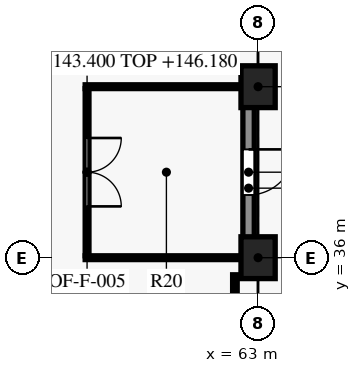
"""IFC4 building model, lengths in metres.
Left out: names, types, materials, properties, quantities, classifications, styles, units other than length and angle.
Written with IfcOpenShell. Run it as: python <this file> out.ifc"""

import sys

from ifc_helpers import new_model, si_unit, direction, frame, frame_2d, origin, origin_2d, place, context, subcontext, project, spatial, rectangle, extrude, element, fill, save


model = new_model("IFC4")
c1 = context("Model", 3, precision=1e-05, world=origin(), true_north=direction((0.0, 1.0)))
c2 = subcontext(c1, "Body", "Model", "MODEL_VIEW")
j1 = project(units=[si_unit("LENGTHUNIT", "METRE"), si_unit("PLANEANGLEUNIT", "RADIAN")], contexts=[c1])
p1 = place(None, origin())
s1 = spatial("IfcSite", under=j1, at=p1, CompositionType="ELEMENT")
p2 = place(p1, origin())
s2 = spatial("IfcBuilding", under=s1, at=p2, CompositionType="ELEMENT")
p3 = place(p2, frame((0.0, 0.0, 143.4)))
s3 = spatial("IfcBuildingStorey", under=s2, at=p3, CompositionType="ELEMENT", Elevation=143.4)
for number, where, z_axis, x_axis in (
    (1, (63.0, 36.0, -0.3), (0.0, 0.0, 1.0), (0.0, 1.0, 0.0)),
    (2, (63.0, 40.5, -0.3), (0.0, 0.0, 1.0), (0.0, 1.0, 0.0)),
):
    element("IfcColumn", number, at=place(p3, frame(where, z_axis=z_axis, x_axis=x_axis)), inside=s3, PredefinedType="COLUMN", context=c2, shape_type="SweptSolid", body=[
        extrude(rectangle(XDim=0.9, YDim=1.1, at=origin_2d()), origin(), (0.0, 0.0, 1.0), 4.1),
    ])
p4 = place(p3, frame((62.75, 40.05, 0.0), z_axis=(0.0, 0.0, 1.0), x_axis=(0.0, -1.0, 0.0)))
e3 = element("IfcWall", 3, at=p4, inside=s3, PredefinedType="SOLIDWALL", context=c2, shape_type="SweptSolid", body=[
    extrude(rectangle(XDim=3.6, YDim=0.3, at=frame_2d((1.8, 0.0))), origin(), (0.0, 0.0, 1.0), 3.15),
])
p5 = place(p4, frame((1.2, 0.0, 0.0)))
e4 = element("IfcOpeningElement", 4, at=p5, cuts=e3, PredefinedType="OPENING", context=c2, shape_type="SweptSolid", body=[
    extrude(rectangle(XDim=1.2, YDim=2.5, at=frame_2d((0.6, 1.25))), frame((0.0, 0.16, 0.0), z_axis=(0.0, -1.0, 0.0), x_axis=(1.0, 0.0, 0.0)), (0.0, 0.0, 1.0), 0.32),
])
p6 = place(p3, frame((62.43, 36.0, 0.0), z_axis=(0.0, 0.0, 1.0), x_axis=(-1.0, 0.0, 0.0)))
e5 = element("IfcWall", 5, at=p6, inside=s3, PredefinedType="PARTITIONING", context=c2, shape_type="SweptSolid", body=[
    extrude(rectangle(XDim=3.98, YDim=0.1, at=frame_2d((1.99, 0.0))), origin(), (0.0, 0.0, 1.0), 3.48),
])
p7 = place(p3, frame((58.5, 40.45, 0.0), z_axis=(0.0, 0.0, 1.0), x_axis=(0.0, -1.0, 0.0)))
e6 = element("IfcWall", 6, at=p7, inside=s3, PredefinedType="PARTITIONING", context=c2, shape_type="SweptSolid", body=[
    extrude(rectangle(XDim=4.4, YDim=0.1, at=frame_2d((2.2, 0.0))), origin(), (0.0, 0.0, 1.0), 2.78),
])
p8 = place(p7, frame((1.3, 0.0, 0.0)))
e7 = element("IfcOpeningElement", 7, at=p8, cuts=e6, PredefinedType="OPENING", context=c2, shape_type="SweptSolid", body=[
    extrude(rectangle(XDim=1.8, YDim=2.1, at=frame_2d((0.9, 1.05))), frame((0.0, 0.06, 0.0), z_axis=(0.0, -1.0, 0.0), x_axis=(1.0, 0.0, 0.0)), (0.0, 0.0, 1.0), 0.12),
])
p9 = place(p3, frame((58.45, 40.5, 0.0), z_axis=(0.0, 0.0, 1.0), x_axis=(1.0, 0.0, 0.0)))
e8 = element("IfcWall", 8, at=p9, inside=s3, PredefinedType="PARTITIONING", context=c2, shape_type="SweptSolid", body=[
    extrude(rectangle(XDim=3.98, YDim=0.1, at=frame_2d((1.99, 0.0))), origin(), (0.0, 0.0, 1.0), 3.48),
])
p10 = place(p5, origin())
e9 = element("IfcDoor", 9, at=p10, inside=s3, OperationType="SINGLE_SWING_RIGHT", PredefinedType="DOOR", context=c2, shape_type="SweptSolid", body=[
    extrude(rectangle(XDim=1.2, YDim=2.5, at=frame_2d((0.6, 1.25))), frame((0.0, 0.025, 0.0), z_axis=(0.0, -1.0, 0.0), x_axis=(1.0, 0.0, 0.0)), (0.0, 0.0, 1.0), 0.05),
])
fill(e4, e9)
p11 = place(p8, origin())
e10 = element("IfcDoor", 10, at=p11, inside=s3, OperationType="DOUBLE_DOOR_SINGLE_SWING", PredefinedType="DOOR", context=c2, shape_type="SweptSolid", body=[
    extrude(rectangle(XDim=1.8, YDim=2.1, at=frame_2d((0.9, 1.05))), frame((0.0, 0.025, 0.0), z_axis=(0.0, -1.0, 0.0), x_axis=(1.0, 0.0, 0.0)), (0.0, 0.0, 1.0), 0.05),
])
fill(e7, e10)
save(model, sys.argv[1])

———

→ Work instruction: Could you write out, exactly, each line of the data above from the one containing "fill(e4, e9)" through the last, including both?

→ Solution to this exercise:
fill(e4, e9)
p11 = place(p8, origin())
e10 = element("IfcDoor", 10, at=p11, inside=s3, OperationType="DOUBLE_DOOR_SINGLE_SWING", PredefinedType="DOOR", context=c2, shape_type="SweptSolid", body=[
    extrude(rectangle(XDim=1.8, YDim=2.1, at=frame_2d((0.9, 1.05))), frame((0.0, 0.025, 0.0), z_axis=(0.0, -1.0, 0.0), x_axis=(1.0, 0.0, 0.0)), (0.0, 0.0, 1.0), 0.05),
])
fill(e7, e10)
save(model, sys.argv[1])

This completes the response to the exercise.